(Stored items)
----
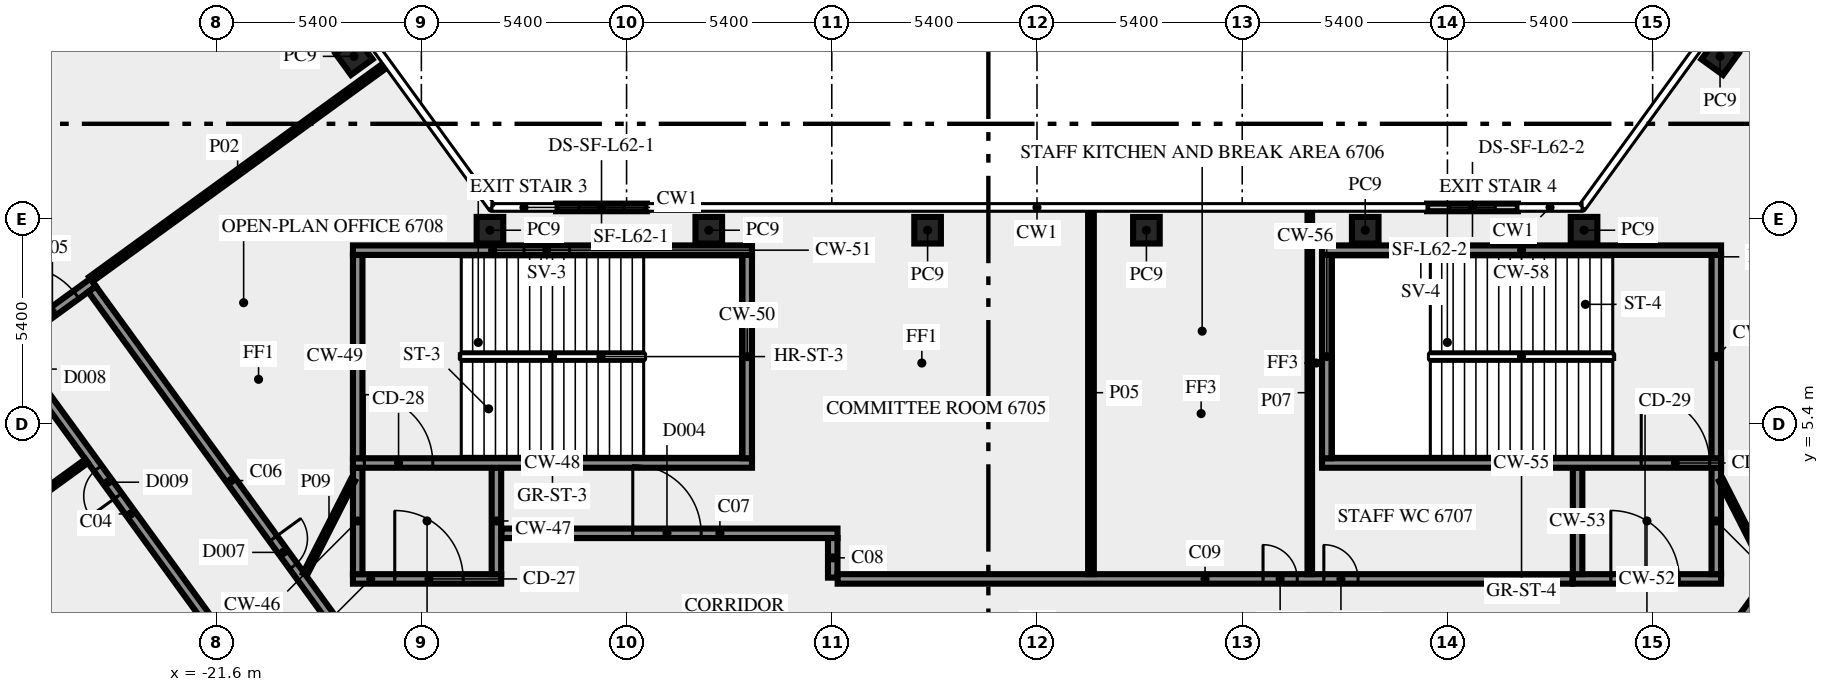
"""IFC4 building model, lengths in metres.
Left out: names, types, materials, properties, quantities, classifications, styles, units other than length and angle.
Written with IfcOpenShell. Run it as: python <this file> out.ifc"""

import sys

from ifc_helpers import new_model, si_unit, direction, frame, frame_2d, origin, origin_2d, place, context, subcontext, project, spatial, rectangle, extrude, element, fill, save


model = new_model("IFC4")
c1 = context("Model", 3, precision=1e-05, world=origin(), true_north=direction((0.0, 1.0)))
c2 = subcontext(c1, "Body", "Model", "MODEL_VIEW")
j1 = project(units=[si_unit("LENGTHUNIT", "METRE"), si_unit("PLANEANGLEUNIT", "RADIAN")], contexts=[c1])
p1 = place(None, origin())
s1 = spatial("IfcSite", under=j1, at=p1, CompositionType="ELEMENT")
p2 = place(p1, origin())
s2 = spatial("IfcBuilding", under=s1, at=p2, CompositionType="ELEMENT")
p3 = place(p2, frame((0.0, 0.0, 289.0)))
s3 = spatial("IfcBuildingStorey", under=s2, at=p3, CompositionType="ELEMENT", Elevation=289.0)
for number, where, z_axis, x_axis in (
    (1, (-17.974, 15.075, 0.0), (0.0, 0.0, 1.0), (-0.588, 0.809, 0.0)),
    (2, (17.974, 15.075, 0.0), (0.0, 0.0, 1.0), (-0.588, -0.809, 0.0)),
    (3, (14.395, 10.5, 0.0), (0.0, 0.0, 1.0), (-1.0, 0.0, 0.0)),
    (4, (8.637, 10.5, 0.0), (0.0, 0.0, 1.0), (-1.0, 0.0, 0.0)),
    (5, (2.879, 10.5, 0.0), (0.0, 0.0, 1.0), (-1.0, 0.0, 0.0)),
    (6, (-2.879, 10.5, 0.0), (0.0, 0.0, 1.0), (-1.0, 0.0, 0.0)),
    (7, (-8.637, 10.5, 0.0), (0.0, 0.0, 1.0), (-1.0, 0.0, 0.0)),
    (8, (-14.395, 10.5, 0.0), (0.0, 0.0, 1.0), (-1.0, 0.0, 0.0)),
):
    element("IfcColumn", number, at=place(p3, frame(where, z_axis=z_axis, x_axis=x_axis)), inside=s3, PredefinedType="COLUMN", context=c2, shape_type="SweptSolid", body=[
        extrude(rectangle(XDim=0.7, YDim=0.7, at=origin_2d()), origin(), (0.0, 0.0, 1.0), 3.65),
    ])
p4 = place(p3, frame((12.655, 11.1, 0.0), z_axis=(0.0, 0.0, 1.0), x_axis=(-1.0, 0.0, 0.0)))
e9 = element("IfcWall", 9, at=p4, inside=s3, PredefinedType="SOLIDWALL", context=c2, shape_type="SweptSolid", body=[
    extrude(rectangle(XDim=2.392, YDim=0.2, at=frame_2d((1.196, 0.0))), origin(), (0.0, 0.0, 1.0), 3.65),
])
p5 = place(p4, frame((0.596, 0.0, 1.0)))
e10 = element("IfcOpeningElement", 10, at=p5, cuts=e9, PredefinedType="OPENING", context=c2, shape_type="SweptSolid", body=[
    extrude(rectangle(XDim=1.2, YDim=1.2, at=frame_2d((0.6, 0.6))), frame((0.0, 0.11, 0.0), z_axis=(0.0, -1.0, 0.0), x_axis=(1.0, 0.0, 0.0)), (0.0, 0.0, 1.0), 0.22),
])
p6 = place(p3, frame((-10.263, 11.1, 0.0), z_axis=(0.0, 0.0, 1.0), x_axis=(-1.0, 0.0, 0.0)))
e11 = element("IfcWall", 11, at=p6, inside=s3, PredefinedType="SOLIDWALL", context=c2, shape_type="SweptSolid", body=[
    extrude(rectangle(XDim=2.392, YDim=0.2, at=frame_2d((1.196, 0.0))), origin(), (0.0, 0.0, 1.0), 3.65),
])
p7 = place(p6, frame((0.596, 0.0, 1.0)))
e12 = element("IfcOpeningElement", 12, at=p7, cuts=e11, PredefinedType="OPENING", context=c2, shape_type="SweptSolid", body=[
    extrude(rectangle(XDim=1.2, YDim=1.2, at=frame_2d((0.6, 0.6))), frame((0.0, 0.11, 0.0), z_axis=(0.0, -1.0, 0.0), x_axis=(1.0, 0.0, 0.0)), (0.0, 0.0, 1.0), 0.22),
])
p8 = place(p3, frame((-18.0, 1.325, 0.0), z_axis=(0.0, 0.0, 1.0), x_axis=(1.0, 0.0, 0.0)))
e13 = element("IfcWall", 13, at=p8, inside=s3, PredefinedType="SHEAR", context=c2, shape_type="SweptSolid", body=[
    extrude(rectangle(XDim=3.9, YDim=0.25, at=frame_2d((1.95, 0.0))), origin(), (0.0, 0.0, 1.0), 3.65),
])
p9 = place(p8, frame((1.1, 0.0, 0.0)))
e14 = element("IfcOpeningElement", 14, at=p9, cuts=e13, PredefinedType="OPENING", context=c2, shape_type="SweptSolid", body=[
    extrude(rectangle(XDim=1.8, YDim=2.1, at=frame_2d((0.9, 1.05))), frame((0.0, 0.135, 0.0), z_axis=(0.0, -1.0, 0.0), x_axis=(1.0, 0.0, 0.0)), (0.0, 0.0, 1.0), 0.27),
])
for number, where, z_axis, x_axis in (
    (15, (-17.875, 1.45, 0.0), (0.0, 0.0, 1.0), (0.0, 1.0, 0.0)),
    (16, (-14.225, 1.45, 0.0), (0.0, 0.0, 1.0), (0.0, 1.0, 0.0)),
):
    element("IfcWall", number, at=place(p3, frame(where, z_axis=z_axis, x_axis=x_axis)), inside=s3, PredefinedType="SHEAR", context=c2, shape_type="SweptSolid", body=[
        extrude(rectangle(XDim=2.8, YDim=0.25, at=frame_2d((1.4, 0.0))), origin(), (0.0, 0.0, 1.0), 3.65),
    ])
p10 = place(p3, frame((-18.0, 4.375, 0.0), z_axis=(0.0, 0.0, 1.0), x_axis=(1.0, 0.0, 0.0)))
e17 = element("IfcWall", 17, at=p10, inside=s3, PredefinedType="SHEAR", context=c2, shape_type="SweptSolid", body=[
    extrude(rectangle(XDim=10.5, YDim=0.25, at=frame_2d((5.25, 0.0))), origin(), (0.0, 0.0, 1.0), 3.65),
])
p11 = place(p10, frame((0.3, 0.0, 0.0)))
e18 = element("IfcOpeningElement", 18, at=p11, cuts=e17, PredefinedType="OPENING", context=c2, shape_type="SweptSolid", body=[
----
Word for word, return all the entries and skip their pictures.

Response:
"""IFC4 building model, lengths in metres.
Left out: names, types, materials, properties, quantities, classifications, styles, units other than length and angle.
Written with IfcOpenShell. Run it as: python <this file> out.ifc"""

import sys

from ifc_helpers import new_model, si_unit, direction, frame, frame_2d, origin, origin_2d, place, context, subcontext, project, spatial, rectangle, extrude, element, fill, save


model = new_model("IFC4")
c1 = context("Model", 3, precision=1e-05, world=origin(), true_north=direction((0.0, 1.0)))
c2 = subcontext(c1, "Body", "Model", "MODEL_VIEW")
j1 = project(units=[si_unit("LENGTHUNIT", "METRE"), si_unit("PLANEANGLEUNIT", "RADIAN")], contexts=[c1])
p1 = place(None, origin())
s1 = spatial("IfcSite", under=j1, at=p1, CompositionType="ELEMENT")
p2 = place(p1, origin())
s2 = spatial("IfcBuilding", under=s1, at=p2, CompositionType="ELEMENT")
p3 = place(p2, frame((0.0, 0.0, 289.0)))
s3 = spatial("IfcBuildingStorey", under=s2, at=p3, CompositionType="ELEMENT", Elevation=289.0)
for number, where, z_axis, x_axis in (
    (1, (-17.974, 15.075, 0.0), (0.0, 0.0, 1.0), (-0.588, 0.809, 0.0)),
    (2, (17.974, 15.075, 0.0), (0.0, 0.0, 1.0), (-0.588, -0.809, 0.0)),
    (3, (14.395, 10.5, 0.0), (0.0, 0.0, 1.0), (-1.0, 0.0, 0.0)),
    (4, (8.637, 10.5, 0.0), (0.0, 0.0, 1.0), (-1.0, 0.0, 0.0)),
    (5, (2.879, 10.5, 0.0), (0.0, 0.0, 1.0), (-1.0, 0.0, 0.0)),
    (6, (-2.879, 10.5, 0.0), (0.0, 0.0, 1.0), (-1.0, 0.0, 0.0)),
    (7, (-8.637, 10.5, 0.0), (0.0, 0.0, 1.0), (-1.0, 0.0, 0.0)),
    (8, (-14.395, 10.5, 0.0), (0.0, 0.0, 1.0), (-1.0, 0.0, 0.0)),
):
    element("IfcColumn", number, at=place(p3, frame(where, z_axis=z_axis, x_axis=x_axis)), inside=s3, PredefinedType="COLUMN", context=c2, shape_type="SweptSolid", body=[
        extrude(rectangle(XDim=0.7, YDim=0.7, at=origin_2d()), origin(), (0.0, 0.0, 1.0), 3.65),
    ])
p4 = place(p3, frame((12.655, 11.1, 0.0), z_axis=(0.0, 0.0, 1.0), x_axis=(-1.0, 0.0, 0.0)))
e9 = element("IfcWall", 9, at=p4, inside=s3, PredefinedType="SOLIDWALL", context=c2, shape_type="SweptSolid", body=[
    extrude(rectangle(XDim=2.392, YDim=0.2, at=frame_2d((1.196, 0.0))), origin(), (0.0, 0.0, 1.0), 3.65),
])
p5 = place(p4, frame((0.596, 0.0, 1.0)))
e10 = element("IfcOpeningElement", 10, at=p5, cuts=e9, PredefinedType="OPENING", context=c2, shape_type="SweptSolid", body=[
    extrude(rectangle(XDim=1.2, YDim=1.2, at=frame_2d((0.6, 0.6))), frame((0.0, 0.11, 0.0), z_axis=(0.0, -1.0, 0.0), x_axis=(1.0, 0.0, 0.0)), (0.0, 0.0, 1.0), 0.22),
])
p6 = place(p3, frame((-10.263, 11.1, 0.0), z_axis=(0.0, 0.0, 1.0), x_axis=(-1.0, 0.0, 0.0)))
e11 = element("IfcWall", 11, at=p6, inside=s3, PredefinedType="SOLIDWALL", context=c2, shape_type="SweptSolid", body=[
    extrude(rectangle(XDim=2.392, YDim=0.2, at=frame_2d((1.196, 0.0))), origin(), (0.0, 0.0, 1.0), 3.65),
])
p7 = place(p6, frame((0.596, 0.0, 1.0)))
e12 = element("IfcOpeningElement", 12, at=p7, cuts=e11, PredefinedType="OPENING", context=c2, shape_type="SweptSolid", body=[
    extrude(rectangle(XDim=1.2, YDim=1.2, at=frame_2d((0.6, 0.6))), frame((0.0, 0.11, 0.0), z_axis=(0.0, -1.0, 0.0), x_axis=(1.0, 0.0, 0.0)), (0.0, 0.0, 1.0), 0.22),
])
p8 = place(p3, frame((-18.0, 1.325, 0.0), z_axis=(0.0, 0.0, 1.0), x_axis=(1.0, 0.0, 0.0)))
e13 = element("IfcWall", 13, at=p8, inside=s3, PredefinedType="SHEAR", context=c2, shape_type="SweptSolid", body=[
    extrude(rectangle(XDim=3.9, YDim=0.25, at=frame_2d((1.95, 0.0))), origin(), (0.0, 0.0, 1.0), 3.65),
])
p9 = place(p8, frame((1.1, 0.0, 0.0)))
e14 = element("IfcOpeningElement", 14, at=p9, cuts=e13, PredefinedType="OPENING", context=c2, shape_type="SweptSolid", body=[
    extrude(rectangle(XDim=1.8, YDim=2.1, at=frame_2d((0.9, 1.05))), frame((0.0, 0.135, 0.0), z_axis=(0.0, -1.0, 0.0), x_axis=(1.0, 0.0, 0.0)), (0.0, 0.0, 1.0), 0.27),
])
for number, where, z_axis, x_axis in (
    (15, (-17.875, 1.45, 0.0), (0.0, 0.0, 1.0), (0.0, 1.0, 0.0)),
    (16, (-14.225, 1.45, 0.0), (0.0, 0.0, 1.0), (0.0, 1.0, 0.0)),
):
    element("IfcWall", number, at=place(p3, frame(where, z_axis=z_axis, x_axis=x_axis)), inside=s3, PredefinedType="SHEAR", context=c2, shape_type="SweptSolid", body=[
        extrude(rectangle(XDim=2.8, YDim=0.25, at=frame_2d((1.4, 0.0))), origin(), (0.0, 0.0, 1.0), 3.65),
    ])
p10 = place(p3, frame((-18.0, 4.375, 0.0), z_axis=(0.0, 0.0, 1.0), x_axis=(1.0, 0.0, 0.0)))
e17 = element("IfcWall", 17, at=p10, inside=s3, PredefinedType="SHEAR", context=c2, shape_type="SweptSolid", body=[
    extrude(rectangle(XDim=10.5, YDim=0.25, at=frame_2d((5.25, 0.0))), origin(), (0.0, 0.0, 1.0), 3.65),
])
p11 = place(p10, frame((0.3, 0.0, 0.0)))
e18 = element("IfcOpeningElement", 18, at=p11, cuts=e17, PredefinedType="OPENING", context=c2, shape_type="SweptSolid", body=[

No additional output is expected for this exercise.